Dataset records
'''
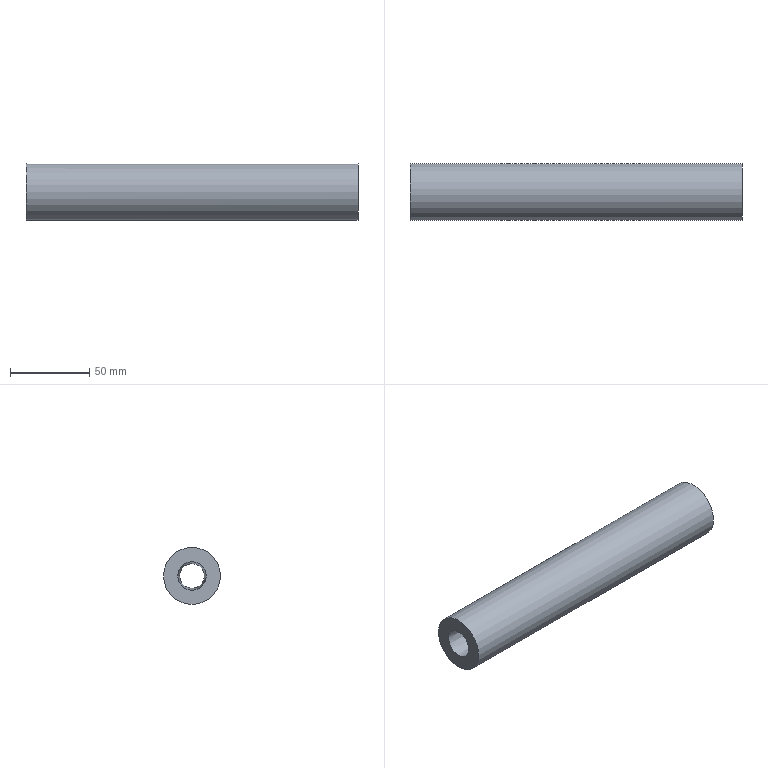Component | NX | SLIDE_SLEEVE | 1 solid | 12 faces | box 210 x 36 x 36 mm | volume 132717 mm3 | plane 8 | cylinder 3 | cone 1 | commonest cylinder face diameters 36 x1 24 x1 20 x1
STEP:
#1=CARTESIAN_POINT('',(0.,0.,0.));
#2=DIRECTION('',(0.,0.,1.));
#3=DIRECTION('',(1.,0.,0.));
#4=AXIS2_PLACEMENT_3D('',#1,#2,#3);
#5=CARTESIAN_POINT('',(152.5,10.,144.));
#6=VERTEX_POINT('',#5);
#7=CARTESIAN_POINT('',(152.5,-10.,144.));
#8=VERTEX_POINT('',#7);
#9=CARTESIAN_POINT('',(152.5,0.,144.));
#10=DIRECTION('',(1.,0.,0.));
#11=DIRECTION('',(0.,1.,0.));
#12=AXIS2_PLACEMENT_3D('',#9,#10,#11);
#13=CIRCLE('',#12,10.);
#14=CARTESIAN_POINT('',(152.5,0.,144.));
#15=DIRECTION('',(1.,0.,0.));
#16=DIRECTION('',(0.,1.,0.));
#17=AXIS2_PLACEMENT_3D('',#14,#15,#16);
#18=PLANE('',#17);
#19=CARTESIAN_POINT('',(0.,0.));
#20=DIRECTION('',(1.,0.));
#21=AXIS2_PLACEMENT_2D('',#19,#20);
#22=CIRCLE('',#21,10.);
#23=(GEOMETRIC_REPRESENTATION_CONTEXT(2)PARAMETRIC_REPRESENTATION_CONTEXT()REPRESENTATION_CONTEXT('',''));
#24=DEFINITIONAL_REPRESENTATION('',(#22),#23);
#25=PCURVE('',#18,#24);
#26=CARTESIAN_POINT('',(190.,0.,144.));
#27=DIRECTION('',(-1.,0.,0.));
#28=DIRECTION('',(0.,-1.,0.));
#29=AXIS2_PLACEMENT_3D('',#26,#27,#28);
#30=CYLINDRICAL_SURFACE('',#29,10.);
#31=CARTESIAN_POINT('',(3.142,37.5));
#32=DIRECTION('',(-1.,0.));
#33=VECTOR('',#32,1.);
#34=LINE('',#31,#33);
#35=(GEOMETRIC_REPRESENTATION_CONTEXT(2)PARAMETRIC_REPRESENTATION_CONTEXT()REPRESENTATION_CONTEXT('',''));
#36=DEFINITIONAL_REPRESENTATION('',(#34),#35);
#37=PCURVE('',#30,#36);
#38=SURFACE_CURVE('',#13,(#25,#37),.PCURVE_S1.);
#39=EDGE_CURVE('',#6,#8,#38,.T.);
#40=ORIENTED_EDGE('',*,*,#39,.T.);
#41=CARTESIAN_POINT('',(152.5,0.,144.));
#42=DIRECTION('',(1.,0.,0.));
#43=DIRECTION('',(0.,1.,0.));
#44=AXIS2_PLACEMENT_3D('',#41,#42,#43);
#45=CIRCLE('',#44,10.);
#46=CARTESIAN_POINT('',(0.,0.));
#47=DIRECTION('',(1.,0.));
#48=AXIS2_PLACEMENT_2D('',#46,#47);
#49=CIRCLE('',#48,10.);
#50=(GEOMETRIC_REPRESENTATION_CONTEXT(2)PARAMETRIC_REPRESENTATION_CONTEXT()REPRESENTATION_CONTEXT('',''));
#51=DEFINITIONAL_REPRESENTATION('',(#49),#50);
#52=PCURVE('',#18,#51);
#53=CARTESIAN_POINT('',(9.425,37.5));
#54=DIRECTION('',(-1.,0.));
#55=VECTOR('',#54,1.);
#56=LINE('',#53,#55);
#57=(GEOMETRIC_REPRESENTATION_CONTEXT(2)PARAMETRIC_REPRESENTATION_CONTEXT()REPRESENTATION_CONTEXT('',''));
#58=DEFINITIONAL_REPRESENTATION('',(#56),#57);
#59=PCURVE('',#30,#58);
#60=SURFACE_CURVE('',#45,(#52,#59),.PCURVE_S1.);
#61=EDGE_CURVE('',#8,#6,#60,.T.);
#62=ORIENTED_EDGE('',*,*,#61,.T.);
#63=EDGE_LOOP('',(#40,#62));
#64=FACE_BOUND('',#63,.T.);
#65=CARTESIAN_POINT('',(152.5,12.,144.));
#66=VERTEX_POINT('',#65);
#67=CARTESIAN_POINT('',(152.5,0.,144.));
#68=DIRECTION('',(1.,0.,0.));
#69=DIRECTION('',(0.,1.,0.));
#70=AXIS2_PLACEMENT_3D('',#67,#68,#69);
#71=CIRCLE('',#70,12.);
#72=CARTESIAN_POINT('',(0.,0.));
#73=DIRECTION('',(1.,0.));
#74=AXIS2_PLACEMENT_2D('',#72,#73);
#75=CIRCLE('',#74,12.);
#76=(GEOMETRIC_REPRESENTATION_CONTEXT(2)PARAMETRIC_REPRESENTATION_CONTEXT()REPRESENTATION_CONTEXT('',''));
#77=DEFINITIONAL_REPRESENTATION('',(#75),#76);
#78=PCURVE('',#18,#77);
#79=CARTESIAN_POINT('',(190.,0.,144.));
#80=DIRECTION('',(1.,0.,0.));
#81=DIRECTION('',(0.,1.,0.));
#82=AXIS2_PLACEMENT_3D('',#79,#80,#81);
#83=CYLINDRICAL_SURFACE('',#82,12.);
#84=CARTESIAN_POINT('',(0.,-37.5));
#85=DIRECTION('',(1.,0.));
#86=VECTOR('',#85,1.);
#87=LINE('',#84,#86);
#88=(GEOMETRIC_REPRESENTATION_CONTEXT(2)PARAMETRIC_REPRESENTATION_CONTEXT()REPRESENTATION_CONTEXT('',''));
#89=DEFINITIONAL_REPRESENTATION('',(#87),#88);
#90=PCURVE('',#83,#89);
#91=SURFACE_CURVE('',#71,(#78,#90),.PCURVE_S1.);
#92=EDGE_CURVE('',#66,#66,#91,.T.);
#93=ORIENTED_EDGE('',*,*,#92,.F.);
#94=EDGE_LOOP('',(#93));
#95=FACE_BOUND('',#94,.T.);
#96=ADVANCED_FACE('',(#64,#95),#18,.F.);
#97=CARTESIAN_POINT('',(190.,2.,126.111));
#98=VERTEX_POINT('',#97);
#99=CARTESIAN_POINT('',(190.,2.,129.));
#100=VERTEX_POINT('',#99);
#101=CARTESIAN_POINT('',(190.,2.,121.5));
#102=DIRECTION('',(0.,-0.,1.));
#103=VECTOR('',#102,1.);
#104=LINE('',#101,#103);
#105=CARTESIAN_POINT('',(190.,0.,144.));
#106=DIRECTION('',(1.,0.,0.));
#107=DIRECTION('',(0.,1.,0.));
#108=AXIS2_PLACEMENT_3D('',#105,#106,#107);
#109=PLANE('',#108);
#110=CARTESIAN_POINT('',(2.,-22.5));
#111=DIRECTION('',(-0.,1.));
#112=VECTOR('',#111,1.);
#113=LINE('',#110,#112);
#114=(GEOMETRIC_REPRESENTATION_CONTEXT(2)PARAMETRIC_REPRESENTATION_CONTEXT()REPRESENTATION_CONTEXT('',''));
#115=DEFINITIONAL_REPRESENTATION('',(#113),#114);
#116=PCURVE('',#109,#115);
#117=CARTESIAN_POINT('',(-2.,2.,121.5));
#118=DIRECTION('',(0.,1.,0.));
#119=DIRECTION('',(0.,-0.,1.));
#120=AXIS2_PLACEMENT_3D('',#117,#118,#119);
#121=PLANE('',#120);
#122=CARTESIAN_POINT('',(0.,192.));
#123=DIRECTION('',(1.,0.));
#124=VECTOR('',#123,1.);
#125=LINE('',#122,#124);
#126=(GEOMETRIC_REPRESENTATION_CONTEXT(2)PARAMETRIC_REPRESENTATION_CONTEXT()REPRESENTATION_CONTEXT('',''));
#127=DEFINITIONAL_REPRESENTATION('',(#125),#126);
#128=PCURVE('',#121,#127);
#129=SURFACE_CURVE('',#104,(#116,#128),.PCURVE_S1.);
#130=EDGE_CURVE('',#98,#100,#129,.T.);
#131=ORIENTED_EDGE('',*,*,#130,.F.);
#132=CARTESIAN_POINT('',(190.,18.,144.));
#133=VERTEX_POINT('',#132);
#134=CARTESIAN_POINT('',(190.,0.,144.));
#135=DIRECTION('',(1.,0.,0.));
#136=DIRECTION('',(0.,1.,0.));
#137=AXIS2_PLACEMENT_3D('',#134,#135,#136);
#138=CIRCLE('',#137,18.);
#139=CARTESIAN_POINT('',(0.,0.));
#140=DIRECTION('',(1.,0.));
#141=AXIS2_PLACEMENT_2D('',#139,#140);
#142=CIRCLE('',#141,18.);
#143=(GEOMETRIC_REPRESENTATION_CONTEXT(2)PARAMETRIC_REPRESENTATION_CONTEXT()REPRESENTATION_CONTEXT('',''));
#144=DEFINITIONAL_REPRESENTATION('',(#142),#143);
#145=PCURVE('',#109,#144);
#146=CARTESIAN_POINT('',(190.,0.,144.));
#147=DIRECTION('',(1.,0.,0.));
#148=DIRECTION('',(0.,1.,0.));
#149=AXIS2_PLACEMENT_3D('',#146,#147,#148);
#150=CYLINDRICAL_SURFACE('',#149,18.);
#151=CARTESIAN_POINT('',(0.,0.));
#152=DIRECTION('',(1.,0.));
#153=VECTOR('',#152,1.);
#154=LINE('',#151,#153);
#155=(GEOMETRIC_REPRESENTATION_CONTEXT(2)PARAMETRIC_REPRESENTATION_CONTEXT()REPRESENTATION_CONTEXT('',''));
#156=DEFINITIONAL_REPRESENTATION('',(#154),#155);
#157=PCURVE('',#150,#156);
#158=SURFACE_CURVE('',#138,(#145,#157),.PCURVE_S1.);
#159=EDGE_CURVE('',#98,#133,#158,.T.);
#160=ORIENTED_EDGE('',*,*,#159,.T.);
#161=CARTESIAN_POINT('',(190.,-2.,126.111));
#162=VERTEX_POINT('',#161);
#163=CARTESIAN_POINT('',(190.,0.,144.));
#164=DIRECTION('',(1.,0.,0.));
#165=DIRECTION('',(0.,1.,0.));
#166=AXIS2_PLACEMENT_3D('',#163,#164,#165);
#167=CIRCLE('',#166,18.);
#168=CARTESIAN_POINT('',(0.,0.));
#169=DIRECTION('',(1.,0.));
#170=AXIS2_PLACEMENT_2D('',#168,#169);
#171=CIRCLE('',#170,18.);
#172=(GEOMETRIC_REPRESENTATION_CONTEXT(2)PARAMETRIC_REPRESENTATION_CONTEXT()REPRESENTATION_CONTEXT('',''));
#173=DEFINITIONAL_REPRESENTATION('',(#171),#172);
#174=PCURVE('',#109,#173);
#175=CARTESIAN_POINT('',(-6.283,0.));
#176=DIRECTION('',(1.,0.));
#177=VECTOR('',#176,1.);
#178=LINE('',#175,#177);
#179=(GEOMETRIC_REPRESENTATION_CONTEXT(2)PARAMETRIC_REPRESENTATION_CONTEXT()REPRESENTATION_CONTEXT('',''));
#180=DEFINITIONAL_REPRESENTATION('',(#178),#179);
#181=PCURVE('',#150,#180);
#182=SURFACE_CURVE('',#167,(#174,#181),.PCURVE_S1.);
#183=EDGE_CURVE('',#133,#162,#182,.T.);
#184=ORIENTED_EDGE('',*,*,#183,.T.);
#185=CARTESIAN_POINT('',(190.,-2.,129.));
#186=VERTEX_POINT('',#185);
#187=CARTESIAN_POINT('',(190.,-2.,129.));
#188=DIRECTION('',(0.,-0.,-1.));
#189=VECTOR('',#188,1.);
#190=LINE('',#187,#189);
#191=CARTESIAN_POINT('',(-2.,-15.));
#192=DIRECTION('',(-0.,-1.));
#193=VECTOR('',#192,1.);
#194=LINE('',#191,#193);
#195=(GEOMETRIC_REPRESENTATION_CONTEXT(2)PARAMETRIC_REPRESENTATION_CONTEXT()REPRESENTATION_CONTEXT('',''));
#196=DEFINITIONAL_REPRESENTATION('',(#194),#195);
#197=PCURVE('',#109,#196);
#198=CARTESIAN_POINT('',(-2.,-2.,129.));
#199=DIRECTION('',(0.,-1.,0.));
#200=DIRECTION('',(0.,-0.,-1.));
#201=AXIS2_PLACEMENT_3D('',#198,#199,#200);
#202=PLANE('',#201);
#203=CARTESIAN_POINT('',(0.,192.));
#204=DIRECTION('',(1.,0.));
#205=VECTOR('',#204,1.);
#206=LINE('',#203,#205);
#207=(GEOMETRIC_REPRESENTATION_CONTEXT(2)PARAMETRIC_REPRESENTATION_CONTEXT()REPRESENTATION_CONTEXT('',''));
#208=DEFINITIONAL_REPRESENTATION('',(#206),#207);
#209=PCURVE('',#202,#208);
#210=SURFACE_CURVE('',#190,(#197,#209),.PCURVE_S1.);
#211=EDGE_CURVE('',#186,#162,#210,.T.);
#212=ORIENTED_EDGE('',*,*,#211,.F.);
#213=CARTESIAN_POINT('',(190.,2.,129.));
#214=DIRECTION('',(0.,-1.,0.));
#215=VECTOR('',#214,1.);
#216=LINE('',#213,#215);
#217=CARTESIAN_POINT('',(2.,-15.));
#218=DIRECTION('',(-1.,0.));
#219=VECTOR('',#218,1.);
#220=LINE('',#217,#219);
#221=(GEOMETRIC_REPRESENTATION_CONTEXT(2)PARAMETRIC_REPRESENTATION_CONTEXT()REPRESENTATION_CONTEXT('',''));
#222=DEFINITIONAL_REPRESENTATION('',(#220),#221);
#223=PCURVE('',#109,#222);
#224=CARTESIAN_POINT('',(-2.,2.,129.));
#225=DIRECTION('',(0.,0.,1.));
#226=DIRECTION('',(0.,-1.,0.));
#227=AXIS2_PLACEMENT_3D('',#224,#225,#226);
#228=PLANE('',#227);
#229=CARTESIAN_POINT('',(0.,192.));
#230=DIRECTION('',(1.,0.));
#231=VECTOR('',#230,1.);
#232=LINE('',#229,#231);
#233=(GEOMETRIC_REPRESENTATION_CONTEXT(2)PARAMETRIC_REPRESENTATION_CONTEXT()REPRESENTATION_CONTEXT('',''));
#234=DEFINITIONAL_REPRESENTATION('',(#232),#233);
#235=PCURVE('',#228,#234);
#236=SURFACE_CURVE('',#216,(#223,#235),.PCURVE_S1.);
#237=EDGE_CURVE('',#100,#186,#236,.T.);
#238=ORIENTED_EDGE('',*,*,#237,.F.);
'''
- [WHAT YOU NEED TO DO]:
Your answer should be the lines from the first record down to the line containing "#49=CIRCLE('',#48,10.);", restated exactly, with no pictures.

- [RESPONSE TO THIS EXERCISE]:
Component | NX | SLIDE_SLEEVE | 1 solid | 12 faces | box 210 x 36 x 36 mm | volume 132717 mm3 | plane 8 | cylinder 3 | cone 1 | commonest cylinder face diameters 36 x1 24 x1 20 x1
STEP:
#1=CARTESIAN_POINT('',(0.,0.,0.));
#2=DIRECTION('',(0.,0.,1.));
#3=DIRECTION('',(1.,0.,0.));
#4=AXIS2_PLACEMENT_3D('',#1,#2,#3);
#5=CARTESIAN_POINT('',(152.5,10.,144.));
#6=VERTEX_POINT('',#5);
#7=CARTESIAN_POINT('',(152.5,-10.,144.));
#8=VERTEX_POINT('',#7);
#9=CARTESIAN_POINT('',(152.5,0.,144.));
#10=DIRECTION('',(1.,0.,0.));
#11=DIRECTION('',(0.,1.,0.));
#12=AXIS2_PLACEMENT_3D('',#9,#10,#11);
#13=CIRCLE('',#12,10.);
#14=CARTESIAN_POINT('',(152.5,0.,144.));
#15=DIRECTION('',(1.,0.,0.));
#16=DIRECTION('',(0.,1.,0.));
#17=AXIS2_PLACEMENT_3D('',#14,#15,#16);
#18=PLANE('',#17);
#19=CARTESIAN_POINT('',(0.,0.));
#20=DIRECTION('',(1.,0.));
#21=AXIS2_PLACEMENT_2D('',#19,#20);
#22=CIRCLE('',#21,10.);
#23=(GEOMETRIC_REPRESENTATION_CONTEXT(2)PARAMETRIC_REPRESENTATION_CONTEXT()REPRESENTATION_CONTEXT('',''));
#24=DEFINITIONAL_REPRESENTATION('',(#22),#23);
#25=PCURVE('',#18,#24);
#26=CARTESIAN_POINT('',(190.,0.,144.));
#27=DIRECTION('',(-1.,0.,0.));
#28=DIRECTION('',(0.,-1.,0.));
#29=AXIS2_PLACEMENT_3D('',#26,#27,#28);
#30=CYLINDRICAL_SURFACE('',#29,10.);
#31=CARTESIAN_POINT('',(3.142,37.5));
#32=DIRECTION('',(-1.,0.));
#33=VECTOR('',#32,1.);
#34=LINE('',#31,#33);
#35=(GEOMETRIC_REPRESENTATION_CONTEXT(2)PARAMETRIC_REPRESENTATION_CONTEXT()REPRESENTATION_CONTEXT('',''));
#36=DEFINITIONAL_REPRESENTATION('',(#34),#35);
#37=PCURVE('',#30,#36);
#38=SURFACE_CURVE('',#13,(#25,#37),.PCURVE_S1.);
#39=EDGE_CURVE('',#6,#8,#38,.T.);
#40=ORIENTED_EDGE('',*,*,#39,.T.);
#41=CARTESIAN_POINT('',(152.5,0.,144.));
#42=DIRECTION('',(1.,0.,0.));
#43=DIRECTION('',(0.,1.,0.));
#44=AXIS2_PLACEMENT_3D('',#41,#42,#43);
#45=CIRCLE('',#44,10.);
#46=CARTESIAN_POINT('',(0.,0.));
#47=DIRECTION('',(1.,0.));
#48=AXIS2_PLACEMENT_2D('',#46,#47);
#49=CIRCLE('',#48,10.);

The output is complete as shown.